[Records drawn from a dataset]
[Start of Attachment]

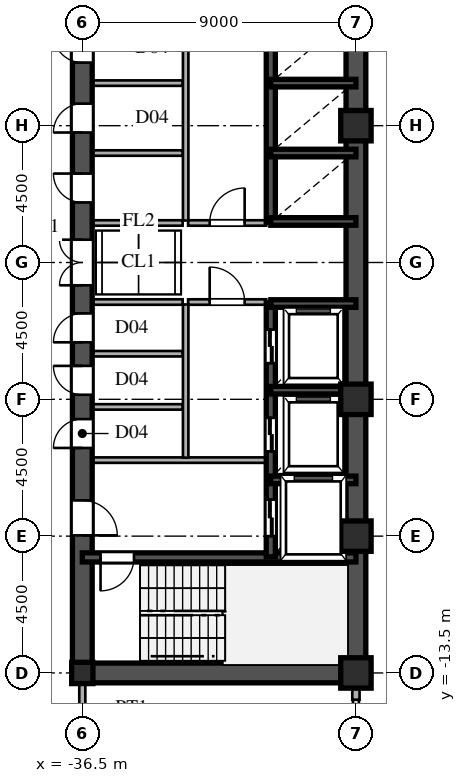
"""IFC4 building model, lengths in metres.
Left out: names, types, materials, properties, quantities, classifications, styles, units other than length and angle.
Written with IfcOpenShell. Run it as: python <this file> out.ifc"""

import sys

from ifc_helpers import new_model, si_unit, direction, frame, frame_2d, origin, origin_2d, place, context, subcontext, project, spatial, rectangle, hollow_rectangle, i_section, extrude, source, transform, mapped, element, fill, save


model = new_model("IFC4")
c1 = context("Model", 3, precision=1e-05, world=origin(), true_north=direction((0.0, 1.0)))
c2 = subcontext(c1, "Body", "Model", "MODEL_VIEW")
j1 = project(units=[si_unit("LENGTHUNIT", "METRE"), si_unit("PLANEANGLEUNIT", "RADIAN")], contexts=[c1])
p1 = place(None, origin())
s1 = spatial("IfcSite", under=j1, at=p1, CompositionType="ELEMENT")
p2 = place(p1, origin())
s2 = spatial("IfcBuilding", under=s1, at=p2, CompositionType="ELEMENT")
p3 = place(p2, frame((0.0, 0.0, 124.8)))
s3 = spatial("IfcBuildingStorey", under=s2, at=p3, CompositionType="ELEMENT", Elevation=124.8)
m1 = source(origin(), c2, "Body", "SweptSolid", [
    extrude(hollow_rectangle(XDim=1.0, YDim=1.0, WallThickness=0.042, at=origin_2d()), origin(), (0.0, 0.0, 1.0), 3.6),
])
for number, where, z_axis, x_axis in (
    (1, (-27.5, -13.5, 0.0), (0.0, 0.0, 1.0), (1.0, 0.0, 0.0)),
    (2, (-27.5, -9.0, 0.0), (0.0, 0.0, 1.0), (1.0, 0.0, 0.0)),
    (3, (-27.5, -4.5, 0.0), (0.0, 0.0, 1.0), (1.0, 0.0, 0.0)),
    (4, (-27.5, 4.5, 0.0), (0.0, 0.0, 1.0), (1.0, 0.0, 0.0)),
):
    element("IfcColumn", number, at=place(p3, frame(where, z_axis=z_axis, x_axis=x_axis)), inside=s3, PredefinedType="COLUMN", context=c2, shape_type="MappedRepresentation", body=[
        mapped(m1, transform((0.0, 0.0, 0.0), scale=1.0)),
    ])
m2 = source(origin(), c2, "Body", "SweptSolid", [
    extrude(i_section(OverallWidth=0.7, OverallDepth=0.7, WebThickness=0.028, FlangeThickness=0.045, at=origin_2d()), origin(), (0.0, 0.0, 1.0), 3.6),
])
p4 = place(p3, frame((-36.5, -13.5, 0.0), z_axis=(0.0, 0.0, 1.0), x_axis=(1.0, 0.0, 0.0)))
e5 = element("IfcColumn", 5, at=p4, inside=s3, PredefinedType="COLUMN", context=c2, shape_type="MappedRepresentation", body=[
    mapped(m2, transform((0.0, 0.0, 0.0), scale=1.0)),
])
p5 = place(p3, frame((-27.5, -14.38, 0.0), z_axis=(0.0, 0.0, 1.0), x_axis=(0.0, 1.0, 0.0)))
e6 = element("IfcWall", 6, at=p5, inside=s3, PredefinedType="SOLIDWALL", context=c2, shape_type="SweptSolid", body=[
    extrude(rectangle(XDim=0.55, YDim=0.24, at=frame_2d((0.275, 0.0))), origin(), (0.0, 0.0, 1.0), 2.88),
])
for number, where, z_axis, x_axis in (
    (7, (-27.5, -13.5, 0.0), (0.0, 0.0, 1.0), (0.0, 1.0, 0.0)),
    (8, (-27.5, 1.3, 0.0), (0.0, 0.0, 1.0), (0.0, 1.0, 0.0)),
):
    element("IfcWall", number, at=place(p3, frame(where, z_axis=z_axis, x_axis=x_axis)), inside=s3, PredefinedType="SHEAR", context=c2, shape_type="SweptSolid", body=[
        extrude(rectangle(XDim=12.2, YDim=0.65, at=frame_2d((6.1, 0.0))), origin(), (0.0, 0.0, 1.0), 3.38),
    ])
p6 = place(p3, frame((-27.5, -1.3, 0.0), z_axis=(0.0, 0.0, 1.0), x_axis=(0.0, 1.0, 0.0)))
e9 = element("IfcWall", 9, at=p6, inside=s3, PredefinedType="SHEAR", context=c2, shape_type="SweptSolid", body=[
    extrude(rectangle(XDim=2.6, YDim=0.65, at=frame_2d((1.3, 0.0))), origin(), (0.0, 0.0, 1.0), 3.38),
])
p7 = place(p3, frame((-36.5, -13.5, 0.0), z_axis=(0.0, 0.0, 1.0), x_axis=(1.0, 0.0, 0.0)))
e10 = element("IfcWall", 10, at=p7, inside=s3, PredefinedType="SHEAR", context=c2, shape_type="SweptSolid", body=[
    extrude(rectangle(XDim=9.0, YDim=0.65, at=frame_2d((4.5, 0.0))), origin(), (0.0, 0.0, 1.0), 3.38),
])
p8 = place(p3, frame((-36.5, -13.65, 0.0), z_axis=(0.0, 0.0, 1.0), x_axis=(0.0, 1.0, 0.0)))
e11 = element("IfcWall", 11, at=p8, inside=s3, PredefinedType="SHEAR", context=c2, shape_type="SweptSolid", body=[
    extrude(rectangle(XDim=7.15, YDim=0.65, at=frame_2d((3.575, 0.0))), origin(), (0.0, 0.0, 1.0), 3.38),
])
p9 = place(p8, frame((4.675, 0.0, 0.0)))
e12 = element("IfcOpeningElement", 12, at=p9, cuts=e11, PredefinedType="OPENING", context=c2, shape_type="SweptSolid", body=[
    extrude(rectangle(XDim=1.15, YDim=2.2, at=frame_2d((0.575, 1.1))), frame((0.0, 0.335, 0.0), z_axis=(0.0, -1.0, 0.0), x_axis=(1.0, 0.0, 0.0)), (0.0, 0.0, 1.0), 0.67),
])
p10 = place(p3, frame((-36.5, -1.3, 0.0), z_axis=(0.0, 0.0, 1.0), x_axis=(0.0, 1.0, 0.0)))
e13 = element("IfcWall", 13, at=p10, inside=s3, PredefinedType="SHEAR", context=c2, shape_type="SweptSolid", body=[
    extrude(rectangle(XDim=2.6, YDim=0.65, at=frame_2d((1.3, 0.0))), origin(), (0.0, 0.0, 1.0), 3.38),
])
p11 = place(p10, frame((0.55, 0.0, 0.0)))
e14 = element("IfcOpeningElement", 14, at=p11, cuts=e13, PredefinedType="OPENING", context=c2, shape_type="SweptSolid", body=[
    extrude(rectangle(XDim=1.5, YDim=2.3, at=frame_2d((0.75, 1.15))), frame((0.0, 0.335, 0.0), z_axis=(0.0, -1.0, 0.0), x_axis=(1.0, 0.0, 0.0)), (0.0, 0.0, 1.0), 0.67),
])
p12 = place(p3, frame((-36.5, -6.5, 0.0), z_axis=(0.0, 0.0, 1.0), x_axis=(0.0, 1.0, 0.0)))
e15 = element("IfcWall", 15, at=p12, inside=s3, PredefinedType="SHEAR", context=c2, shape_type="SweptSolid", body=[
    extrude(rectangle(XDim=1.75, YDim=0.65, at=frame_2d((0.875, 0.0))), origin(), (0.0, 0.0, 1.0), 3.38),
])
p13 = place(p12, frame((0.4, 0.0, 0.0)))
e16 = element("IfcOpeningElement", 16, at=p13, cuts=e15, PredefinedType="OPENING", context=c2, shape_type="SweptSolid", body=[
    extrude(rectangle(XDim=0.95, YDim=2.15, at=frame_2d((0.475, 1.075))), frame((0.0, 0.335, 0.0), z_axis=(0.0, -1.0, 0.0), x_axis=(1.0, 0.0, 0.0)), (0.0, 0.0, 1.0), 0.67),
])
p14 = place(p3, frame((-36.5, -4.75, 0.0), z_axis=(0.0, 0.0, 1.0), x_axis=(0.0, 1.0, 0.0)))
e17 = element("IfcWall", 17, at=p14, inside=s3, PredefinedType="SHEAR", context=c2, shape_type="SweptSolid", body=[
    extrude(rectangle(XDim=1.75, YDim=0.65, at=frame_2d((0.875, 0.0))), origin(), (0.0, 0.0, 1.0), 3.38),
])
p15 = place(p14, frame((0.4, 0.0, 0.0)))
e18 = element("IfcOpeningElement", 18, at=p15, cuts=e17, PredefinedType="OPENING", context=c2, shape_type="SweptSolid", body=[
    extrude(rectangle(XDim=0.95, YDim=2.15, at=frame_2d((0.475, 1.075))), frame((0.0, 0.335, 0.0), z_axis=(0.0, -1.0, 0.0), x_axis=(1.0, 0.0, 0.0)), (0.0, 0.0, 1.0), 0.67),
])
p16 = place(p3, frame((-36.5, -3.0, 0.0), z_axis=(0.0, 0.0, 1.0), x_axis=(0.0, 1.0, 0.0)))
e19 = element("IfcWall", 19, at=p16, inside=s3, PredefinedType="SHEAR", context=c2, shape_type="SweptSolid", body=[
    extrude(rectangle(XDim=1.7, YDim=0.65, at=frame_2d((0.85, 0.0))), origin(), (0.0, 0.0, 1.0), 3.38),
])
p17 = place(p16, frame((0.375, 0.0, 0.0)))
e20 = element("IfcOpeningElement", 20, at=p17, cuts=e19, PredefinedType="OPENING", context=c2, shape_type="SweptSolid", body=[
    extrude(rectangle(XDim=0.95, YDim=2.15, at=frame_2d((0.475, 1.075))), frame((0.0, 0.335, 0.0), z_axis=(0.0, -1.0, 0.0), x_axis=(1.0, 0.0, 0.0)), (0.0, 0.0, 1.0), 0.67),
])
p18 = place(p3, frame((-36.5, 1.3, 0.0), z_axis=(0.0, 0.0, 1.0), x_axis=(0.0, 1.0, 0.0)))
e21 = element("IfcWall", 21, at=p18, inside=s3, PredefinedType="SHEAR", context=c2, shape_type="SweptSolid", body=[
    extrude(rectangle(XDim=2.3, YDim=0.65, at=frame_2d((1.15, 0.0))), origin(), (0.0, 0.0, 1.0), 3.38),
])
p19 = place(p18, frame((0.675, 0.0, 0.0)))
e22 = element("IfcOpeningElement", 22, at=p19, cuts=e21, PredefinedType="OPENING", context=c2, shape_type="SweptSolid", body=[
    extrude(rectangle(XDim=0.95, YDim=2.15, at=frame_2d((0.475, 1.075))), frame((0.0, 0.335, 0.0), z_axis=(0.0, -1.0, 0.0), x_axis=(1.0, 0.0, 0.0)), (0.0, 0.0, 1.0), 0.67),
])
p20 = place(p3, frame((-36.5, 3.6, 0.0), z_axis=(0.0, 0.0, 1.0), x_axis=(0.0, 1.0, 0.0)))
e23 = element("IfcWall", 23, at=p20, inside=s3, PredefinedType="SHEAR", context=c2, shape_type="SweptSolid", body=[
    extrude(rectangle(XDim=2.3, YDim=0.65, at=frame_2d((1.15, 0.0))), origin(), (0.0, 0.0, 1.0), 3.38),
])
p21 = place(p20, frame((0.675, 0.0, 0.0)))
e24 = element("IfcOpeningElement", 24, at=p21, cuts=e23, PredefinedType="OPENING", context=c2, shape_type="SweptSolid", body=[
    extrude(rectangle(XDim=0.95, YDim=2.15, at=frame_2d((0.475, 1.075))), frame((0.0, 0.335, 0.0), z_axis=(0.0, -1.0, 0.0), x_axis=(1.0, 0.0, 0.0)), (0.0, 0.0, 1.0), 0.67),
])
p22 = place(p3, frame((-36.5, 5.9, 0.0), z_axis=(0.0, 0.0, 1.0), x_axis=(0.0, 1.0, 0.0)))
e25 = element("IfcWall", 25, at=p22, inside=s3, PredefinedType="SHEAR", context=c2, shape_type="SweptSolid", body=[
    extrude(rectangle(XDim=2.3, YDim=0.65, at=frame_2d((1.15, 0.0))), origin(), (0.0, 0.0, 1.0), 3.38),
])
p23 = place(p22, frame((0.675, 0.0, 0.0)))
e26 = element("IfcOpeningElement", 26, at=p23, cuts=e25, PredefinedType="OPENING", context=c2, shape_type="SweptSolid", body=[
    extrude(rectangle(XDim=0.95, YDim=2.15, at=frame_2d((0.475, 1.075))), frame((0.0, 0.335, 0.0), z_axis=(0.0, -1.0, 0.0), x_axis=(1.0, 0.0, 0.0)), (0.0, 0.0, 1.0), 0.67),
])
p24 = place(p3, frame((-36.5, -9.7, 0.0), z_axis=(0.0, 0.0, 1.0), x_axis=(1.0, 0.0, 0.0)))
e27 = element("IfcWall", 27, at=p24, inside=s3, PredefinedType="SHEAR", context=c2, shape_type="SweptSolid", body=[
    extrude(rectangle(XDim=9.0, YDim=0.3, at=frame_2d((4.5, 0.0))), origin(), (0.0, 0.0, 1.0), 3.38),
])
p25 = place(p24, frame((0.6, 0.0, 0.0)))
e28 = element("IfcOpeningElement", 28, at=p25, cuts=e27, PredefinedType="OPENING", context=c2, shape_type="SweptSolid", body=[
    extrude(rectangle(XDim=1.1, YDim=2.2, at=frame_2d((0.55, 1.1))), frame((0.0, 0.16, 0.0), z_axis=(0.0, -1.0, 0.0), x_axis=(1.0, 0.0, 0.0)), (0.0, 0.0, 1.0), 0.32),
])
for number, where, z_axis, x_axis in (
    (29, (-30.3, -7.15, 0.0), (0.0, 0.0, 1.0), (1.0, 0.0, 0.0)),
    (30, (-30.3, -4.2, 0.0), (0.0, 0.0, 1.0), (1.0, 0.0, 0.0)),
    (31, (-30.3, -1.35, 0.0), (0.0, 0.0, 1.0), (1.0, 0.0, 0.0)),
    (32, (-30.3, 1.35, 0.0), (0.0, 0.0, 1.0), (1.0, 0.0, 0.0)),
    (33, (-30.3, 3.6, 0.0), (0.0, 0.0, 1.0), (1.0, 0.0, 0.0)),
    (34, (-30.3, 5.9, 0.0), (0.0, 0.0, 1.0), (1.0, 0.0, 0.0)),
):
    element("IfcWall", number, at=place(p3, frame(where, z_axis=z_axis, x_axis=x_axis)), inside=s3, PredefinedType="SHEAR", context=c2, shape_type="SweptSolid", body=[
        extrude(rectangle(XDim=2.8, YDim=0.25, at=frame_2d((1.4, 0.0))), origin(), (0.0, 0.0, 1.0), 3.38),
    ])
p26 = place(p3, frame((-30.3, -9.68, 0.0), z_axis=(0.0, 0.0, 1.0), x_axis=(0.0, 1.0, 0.0)))
e35 = element("IfcWall", 35, at=p26, inside=s3, PredefinedType="SHEAR", context=c2, shape_type="SweptSolid", body=[
    extrude(rectangle(XDim=2.56, YDim=0.3, at=frame_2d((1.28, 0.0))), origin(), (0.0, 0.0, 1.0), 3.38),
])
p27 = place(p26, frame((0.68, 0.0, 0.0)))
e36 = element("IfcOpeningElement", 36, at=p27, cuts=e35, PredefinedType="OPENING", context=c2, shape_type="SweptSolid", body=[
    extrude(rectangle(XDim=1.2, YDim=2.25, at=frame_2d((0.6, 1.125))), frame((0.0, 0.16, 0.0), z_axis=(0.0, -1.0, 0.0), x_axis=(1.0, 0.0, 0.0)), (0.0, 0.0, 1.0), 0.32),
])
p28 = place(p3, frame((-30.3, -7.12, 0.0), z_axis=(0.0, 0.0, 1.0), x_axis=(0.0, 1.0, 0.0)))
e37 = element("IfcWall", 37, at=p28, inside=s3, PredefinedType="SHEAR", context=c2, shape_type="SweptSolid", body=[
    extrude(rectangle(XDim=2.92, YDim=0.3, at=frame_2d((1.46, 0.0))), origin(), (0.0, 0.0, 1.0), 3.38),
])
p29 = place(p28, frame((0.91, 0.0, 0.0)))
e38 = element("IfcOpeningElement", 38, at=p29, cuts=e37, PredefinedType="OPENING", context=c2, shape_type="SweptSolid", body=[
    extrude(rectangle(XDim=1.1, YDim=2.2, at=frame_2d((0.55, 1.1))), frame((0.0, 0.16, 0.0), z_axis=(0.0, -1.0, 0.0), x_axis=(1.0, 0.0, 0.0)), (0.0, 0.0, 1.0), 0.32),
])
p30 = place(p3, frame((-30.3, -4.2, 0.0), z_axis=(0.0, 0.0, 1.0), x_axis=(0.0, 1.0, 0.0)))
e39 = element("IfcWall", 39, at=p30, inside=s3, PredefinedType="SHEAR", context=c2, shape_type="SweptSolid", body=[
    extrude(rectangle(XDim=2.88, YDim=0.3, at=frame_2d((1.44, 0.0))), origin(), (0.0, 0.0, 1.0), 3.38),
])
p31 = place(p30, frame((0.89, 0.0, 0.0)))
e40 = element("IfcOpeningElement", 40, at=p31, cuts=e39, PredefinedType="OPENING", context=c2, shape_type="SweptSolid", body=[
    extrude(rectangle(XDim=1.1, YDim=2.2, at=frame_2d((0.55, 1.1))), frame((0.0, 0.16, 0.0), z_axis=(0.0, -1.0, 0.0), x_axis=(1.0, 0.0, 0.0)), (0.0, 0.0, 1.0), 0.32),
])
p32 = place(p3, frame((-30.3, 1.32, 0.0), z_axis=(0.0, 0.0, 1.0), x_axis=(0.0, 1.0, 0.0)))
e41 = element("IfcWall", 41, at=p32, inside=s3, PredefinedType="SHEAR", context=c2, shape_type="SweptSolid", body=[
    extrude(rectangle(XDim=2.28, YDim=0.3, at=frame_2d((1.14, 0.0))), origin(), (0.0, 0.0, 1.0), 3.38),
])
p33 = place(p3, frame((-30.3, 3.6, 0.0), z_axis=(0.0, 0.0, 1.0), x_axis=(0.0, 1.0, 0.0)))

[End of Attachment]

The problem —
Make a copy of each line in the records above that has the word "under".

Response box —
s1 = spatial("IfcSite", under=j1, at=p1, CompositionType="ELEMENT")
s2 = spatial("IfcBuilding", under=s1, at=p2, CompositionType="ELEMENT")
s3 = spatial("IfcBuildingStorey", under=s2, at=p3, CompositionType="ELEMENT", Elevation=124.8)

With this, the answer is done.